> [WHAT YOU HAVE TO DO] Please return the lines below verbatim, beginning at the one that has "#65=DIRECTION('',(0.9609,-0.2744,-0.03615));" and stopping after the one that has "#79=VERTEX_POINT('',#78);", and add no other lines.

> [INFORMATION SHOWN]
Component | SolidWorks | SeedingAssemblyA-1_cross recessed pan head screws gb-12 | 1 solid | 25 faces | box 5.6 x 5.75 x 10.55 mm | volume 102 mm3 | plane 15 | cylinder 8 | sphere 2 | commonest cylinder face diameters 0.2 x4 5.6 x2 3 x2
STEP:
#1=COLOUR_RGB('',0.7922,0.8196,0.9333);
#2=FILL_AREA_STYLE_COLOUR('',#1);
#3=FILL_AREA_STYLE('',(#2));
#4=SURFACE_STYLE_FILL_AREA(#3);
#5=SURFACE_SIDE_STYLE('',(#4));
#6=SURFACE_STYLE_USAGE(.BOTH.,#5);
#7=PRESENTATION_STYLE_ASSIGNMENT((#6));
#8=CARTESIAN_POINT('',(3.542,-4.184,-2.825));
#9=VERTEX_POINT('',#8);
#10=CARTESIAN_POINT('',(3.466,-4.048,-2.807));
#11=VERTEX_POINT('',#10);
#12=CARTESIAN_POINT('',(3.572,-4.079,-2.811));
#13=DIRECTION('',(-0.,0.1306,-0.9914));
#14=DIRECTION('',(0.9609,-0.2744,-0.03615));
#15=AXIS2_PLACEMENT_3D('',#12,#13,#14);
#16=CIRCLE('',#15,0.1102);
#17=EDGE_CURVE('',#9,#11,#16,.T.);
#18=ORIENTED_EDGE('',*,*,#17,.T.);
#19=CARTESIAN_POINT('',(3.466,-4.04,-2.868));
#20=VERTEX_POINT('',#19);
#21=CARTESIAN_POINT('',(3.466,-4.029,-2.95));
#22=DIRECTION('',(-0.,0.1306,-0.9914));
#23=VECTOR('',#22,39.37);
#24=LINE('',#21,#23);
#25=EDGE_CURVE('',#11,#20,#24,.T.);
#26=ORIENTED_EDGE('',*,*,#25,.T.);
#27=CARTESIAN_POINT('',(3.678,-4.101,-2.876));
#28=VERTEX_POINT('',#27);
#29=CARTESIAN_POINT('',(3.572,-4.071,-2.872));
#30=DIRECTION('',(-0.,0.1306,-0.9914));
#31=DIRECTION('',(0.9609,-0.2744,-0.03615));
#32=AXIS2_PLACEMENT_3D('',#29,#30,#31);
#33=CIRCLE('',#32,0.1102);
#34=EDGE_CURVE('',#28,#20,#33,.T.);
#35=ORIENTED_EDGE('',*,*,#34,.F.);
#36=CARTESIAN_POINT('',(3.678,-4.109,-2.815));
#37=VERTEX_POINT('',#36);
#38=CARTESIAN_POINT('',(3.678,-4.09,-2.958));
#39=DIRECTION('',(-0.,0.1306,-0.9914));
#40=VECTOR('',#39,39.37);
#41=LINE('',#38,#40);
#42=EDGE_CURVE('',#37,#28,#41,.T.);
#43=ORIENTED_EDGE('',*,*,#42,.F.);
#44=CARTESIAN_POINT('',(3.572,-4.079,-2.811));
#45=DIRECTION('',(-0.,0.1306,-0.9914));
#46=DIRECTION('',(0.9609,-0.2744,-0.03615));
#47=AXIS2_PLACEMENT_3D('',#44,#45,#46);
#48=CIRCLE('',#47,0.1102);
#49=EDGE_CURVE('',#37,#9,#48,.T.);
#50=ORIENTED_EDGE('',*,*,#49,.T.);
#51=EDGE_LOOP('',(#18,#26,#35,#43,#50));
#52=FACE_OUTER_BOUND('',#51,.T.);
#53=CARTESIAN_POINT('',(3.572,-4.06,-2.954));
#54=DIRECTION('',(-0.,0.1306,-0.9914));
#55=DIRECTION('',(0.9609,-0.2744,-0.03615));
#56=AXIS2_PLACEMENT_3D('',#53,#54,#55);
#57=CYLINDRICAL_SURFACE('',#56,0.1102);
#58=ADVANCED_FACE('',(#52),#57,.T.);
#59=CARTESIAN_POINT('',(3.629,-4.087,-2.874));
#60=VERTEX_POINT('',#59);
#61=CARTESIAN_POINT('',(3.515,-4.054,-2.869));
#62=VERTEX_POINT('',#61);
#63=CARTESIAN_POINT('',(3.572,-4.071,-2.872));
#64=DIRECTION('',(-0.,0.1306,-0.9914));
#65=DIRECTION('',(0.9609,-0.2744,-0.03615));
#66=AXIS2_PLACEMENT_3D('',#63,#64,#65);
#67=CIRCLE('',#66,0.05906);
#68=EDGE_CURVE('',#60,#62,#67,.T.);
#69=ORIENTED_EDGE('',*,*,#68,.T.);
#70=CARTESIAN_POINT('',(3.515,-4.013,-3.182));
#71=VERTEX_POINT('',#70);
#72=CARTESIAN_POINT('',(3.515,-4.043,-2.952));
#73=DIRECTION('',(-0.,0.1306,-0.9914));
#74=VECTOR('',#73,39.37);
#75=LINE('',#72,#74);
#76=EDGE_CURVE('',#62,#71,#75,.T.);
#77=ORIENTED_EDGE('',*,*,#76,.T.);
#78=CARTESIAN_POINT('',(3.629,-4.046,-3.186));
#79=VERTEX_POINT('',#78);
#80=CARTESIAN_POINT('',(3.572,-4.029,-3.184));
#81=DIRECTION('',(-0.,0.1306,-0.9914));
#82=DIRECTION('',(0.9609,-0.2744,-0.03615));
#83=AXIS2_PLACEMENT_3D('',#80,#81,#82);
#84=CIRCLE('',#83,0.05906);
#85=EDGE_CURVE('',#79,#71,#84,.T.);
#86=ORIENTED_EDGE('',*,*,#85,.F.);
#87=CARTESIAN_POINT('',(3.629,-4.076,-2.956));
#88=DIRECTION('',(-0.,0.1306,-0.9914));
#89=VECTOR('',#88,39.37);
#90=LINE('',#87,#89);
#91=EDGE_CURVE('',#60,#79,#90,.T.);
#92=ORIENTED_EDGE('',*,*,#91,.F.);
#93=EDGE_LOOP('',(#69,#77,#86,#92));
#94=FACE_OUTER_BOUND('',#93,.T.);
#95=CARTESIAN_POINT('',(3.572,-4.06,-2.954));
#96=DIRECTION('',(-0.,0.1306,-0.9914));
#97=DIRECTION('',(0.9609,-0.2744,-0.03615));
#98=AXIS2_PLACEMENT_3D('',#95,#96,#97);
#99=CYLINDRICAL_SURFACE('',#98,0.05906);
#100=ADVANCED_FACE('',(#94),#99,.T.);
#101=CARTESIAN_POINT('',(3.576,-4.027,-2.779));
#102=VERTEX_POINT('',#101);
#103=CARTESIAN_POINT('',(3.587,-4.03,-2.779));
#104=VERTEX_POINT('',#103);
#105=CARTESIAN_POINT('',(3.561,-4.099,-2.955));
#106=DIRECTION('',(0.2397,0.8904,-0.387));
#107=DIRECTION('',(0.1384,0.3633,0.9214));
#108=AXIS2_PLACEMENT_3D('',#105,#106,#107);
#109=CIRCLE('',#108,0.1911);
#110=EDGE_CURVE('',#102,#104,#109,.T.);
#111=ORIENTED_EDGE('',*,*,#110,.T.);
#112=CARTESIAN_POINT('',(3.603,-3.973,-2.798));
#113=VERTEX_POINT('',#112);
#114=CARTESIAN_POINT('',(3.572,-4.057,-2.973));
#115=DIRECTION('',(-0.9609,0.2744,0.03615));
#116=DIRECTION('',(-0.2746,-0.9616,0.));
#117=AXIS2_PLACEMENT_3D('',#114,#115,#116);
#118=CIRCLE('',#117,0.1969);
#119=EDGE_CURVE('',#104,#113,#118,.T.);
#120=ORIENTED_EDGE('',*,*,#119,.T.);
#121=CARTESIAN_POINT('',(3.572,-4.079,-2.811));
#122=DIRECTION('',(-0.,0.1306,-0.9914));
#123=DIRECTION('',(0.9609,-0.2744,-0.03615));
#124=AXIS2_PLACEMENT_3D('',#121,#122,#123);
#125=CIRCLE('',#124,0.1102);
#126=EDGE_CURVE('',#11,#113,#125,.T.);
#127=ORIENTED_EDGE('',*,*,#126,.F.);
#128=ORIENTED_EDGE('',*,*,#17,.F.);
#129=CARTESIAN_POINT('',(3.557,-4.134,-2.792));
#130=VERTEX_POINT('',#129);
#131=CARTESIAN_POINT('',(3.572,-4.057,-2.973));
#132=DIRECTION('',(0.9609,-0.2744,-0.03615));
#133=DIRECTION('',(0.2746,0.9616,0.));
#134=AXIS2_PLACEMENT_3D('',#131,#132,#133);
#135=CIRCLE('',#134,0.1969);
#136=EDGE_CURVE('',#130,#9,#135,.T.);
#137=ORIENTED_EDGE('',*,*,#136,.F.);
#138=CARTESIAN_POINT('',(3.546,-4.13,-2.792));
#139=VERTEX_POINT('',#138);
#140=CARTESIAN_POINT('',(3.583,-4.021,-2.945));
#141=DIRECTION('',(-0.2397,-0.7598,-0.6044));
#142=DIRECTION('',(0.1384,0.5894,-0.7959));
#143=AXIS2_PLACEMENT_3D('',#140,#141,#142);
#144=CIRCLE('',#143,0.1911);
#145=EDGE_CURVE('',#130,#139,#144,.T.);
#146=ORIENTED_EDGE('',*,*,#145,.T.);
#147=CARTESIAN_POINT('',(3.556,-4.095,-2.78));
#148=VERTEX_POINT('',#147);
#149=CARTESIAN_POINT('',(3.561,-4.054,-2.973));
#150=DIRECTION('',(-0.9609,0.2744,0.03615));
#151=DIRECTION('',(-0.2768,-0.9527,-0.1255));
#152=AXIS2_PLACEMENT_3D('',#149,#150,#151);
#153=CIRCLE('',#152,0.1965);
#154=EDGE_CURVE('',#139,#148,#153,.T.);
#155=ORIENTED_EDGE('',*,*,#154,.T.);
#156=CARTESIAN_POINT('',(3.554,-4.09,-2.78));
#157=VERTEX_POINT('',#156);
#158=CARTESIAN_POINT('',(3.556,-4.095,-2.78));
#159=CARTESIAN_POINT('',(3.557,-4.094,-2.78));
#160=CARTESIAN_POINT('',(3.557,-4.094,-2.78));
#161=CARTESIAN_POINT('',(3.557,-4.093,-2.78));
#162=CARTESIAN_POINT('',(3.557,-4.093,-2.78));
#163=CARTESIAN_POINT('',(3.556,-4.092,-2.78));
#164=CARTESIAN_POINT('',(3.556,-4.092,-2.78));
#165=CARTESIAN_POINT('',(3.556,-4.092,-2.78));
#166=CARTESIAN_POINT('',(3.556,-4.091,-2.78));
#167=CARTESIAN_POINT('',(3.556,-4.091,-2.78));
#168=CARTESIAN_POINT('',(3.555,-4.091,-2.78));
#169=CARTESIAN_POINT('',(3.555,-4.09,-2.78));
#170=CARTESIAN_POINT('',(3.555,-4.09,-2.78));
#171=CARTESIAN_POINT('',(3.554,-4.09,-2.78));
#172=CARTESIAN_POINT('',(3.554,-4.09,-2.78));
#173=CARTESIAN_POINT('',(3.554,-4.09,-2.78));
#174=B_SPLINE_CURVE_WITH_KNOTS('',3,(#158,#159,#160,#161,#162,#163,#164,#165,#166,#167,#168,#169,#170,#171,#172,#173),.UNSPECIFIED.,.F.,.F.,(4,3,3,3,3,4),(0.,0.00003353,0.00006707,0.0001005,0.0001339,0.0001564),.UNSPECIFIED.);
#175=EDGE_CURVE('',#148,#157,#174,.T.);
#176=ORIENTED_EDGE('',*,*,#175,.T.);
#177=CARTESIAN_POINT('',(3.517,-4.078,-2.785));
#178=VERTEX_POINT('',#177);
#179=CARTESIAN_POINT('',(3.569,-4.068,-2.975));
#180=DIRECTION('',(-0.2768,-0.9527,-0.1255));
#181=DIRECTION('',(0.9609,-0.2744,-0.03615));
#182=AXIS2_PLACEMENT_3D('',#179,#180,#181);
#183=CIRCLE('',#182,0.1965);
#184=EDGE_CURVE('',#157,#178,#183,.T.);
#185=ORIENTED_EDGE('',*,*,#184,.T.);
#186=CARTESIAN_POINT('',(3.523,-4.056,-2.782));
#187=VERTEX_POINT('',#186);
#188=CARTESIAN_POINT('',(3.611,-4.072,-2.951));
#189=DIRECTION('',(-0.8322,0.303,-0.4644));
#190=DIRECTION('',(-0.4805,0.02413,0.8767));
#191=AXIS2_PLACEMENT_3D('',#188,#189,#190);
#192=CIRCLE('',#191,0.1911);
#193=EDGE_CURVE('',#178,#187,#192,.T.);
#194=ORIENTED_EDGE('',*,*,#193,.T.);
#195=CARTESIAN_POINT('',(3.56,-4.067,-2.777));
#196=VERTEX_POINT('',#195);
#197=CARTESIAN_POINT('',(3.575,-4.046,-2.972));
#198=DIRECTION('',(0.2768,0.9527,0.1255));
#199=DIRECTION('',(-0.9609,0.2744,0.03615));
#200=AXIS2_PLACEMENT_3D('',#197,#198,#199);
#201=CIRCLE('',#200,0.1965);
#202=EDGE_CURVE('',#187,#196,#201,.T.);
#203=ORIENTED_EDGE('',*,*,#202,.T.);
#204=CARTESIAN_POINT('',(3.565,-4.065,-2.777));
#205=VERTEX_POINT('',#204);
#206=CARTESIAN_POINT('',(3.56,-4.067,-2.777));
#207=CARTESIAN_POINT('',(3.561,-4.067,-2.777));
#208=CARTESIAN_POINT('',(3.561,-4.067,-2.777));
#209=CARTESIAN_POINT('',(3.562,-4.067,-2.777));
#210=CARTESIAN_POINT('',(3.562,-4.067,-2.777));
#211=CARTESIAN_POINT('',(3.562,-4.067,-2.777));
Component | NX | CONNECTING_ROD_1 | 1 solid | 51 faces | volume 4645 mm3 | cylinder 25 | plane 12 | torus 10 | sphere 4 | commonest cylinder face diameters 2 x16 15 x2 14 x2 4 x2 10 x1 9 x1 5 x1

> [SOLUTION FOR THIS TASK]
#65=DIRECTION('',(0.9609,-0.2744,-0.03615));
#66=AXIS2_PLACEMENT_3D('',#63,#64,#65);
#67=CIRCLE('',#66,0.05906);
#68=EDGE_CURVE('',#60,#62,#67,.T.);
#69=ORIENTED_EDGE('',*,*,#68,.T.);
#70=CARTESIAN_POINT('',(3.515,-4.013,-3.182));
#71=VERTEX_POINT('',#70);
#72=CARTESIAN_POINT('',(3.515,-4.043,-2.952));
#73=DIRECTION('',(-0.,0.1306,-0.9914));
#74=VECTOR('',#73,39.37);
#75=LINE('',#72,#74);
#76=EDGE_CURVE('',#62,#71,#75,.T.);
#77=ORIENTED_EDGE('',*,*,#76,.T.);
#78=CARTESIAN_POINT('',(3.629,-4.046,-3.186));
#79=VERTEX_POINT('',#78);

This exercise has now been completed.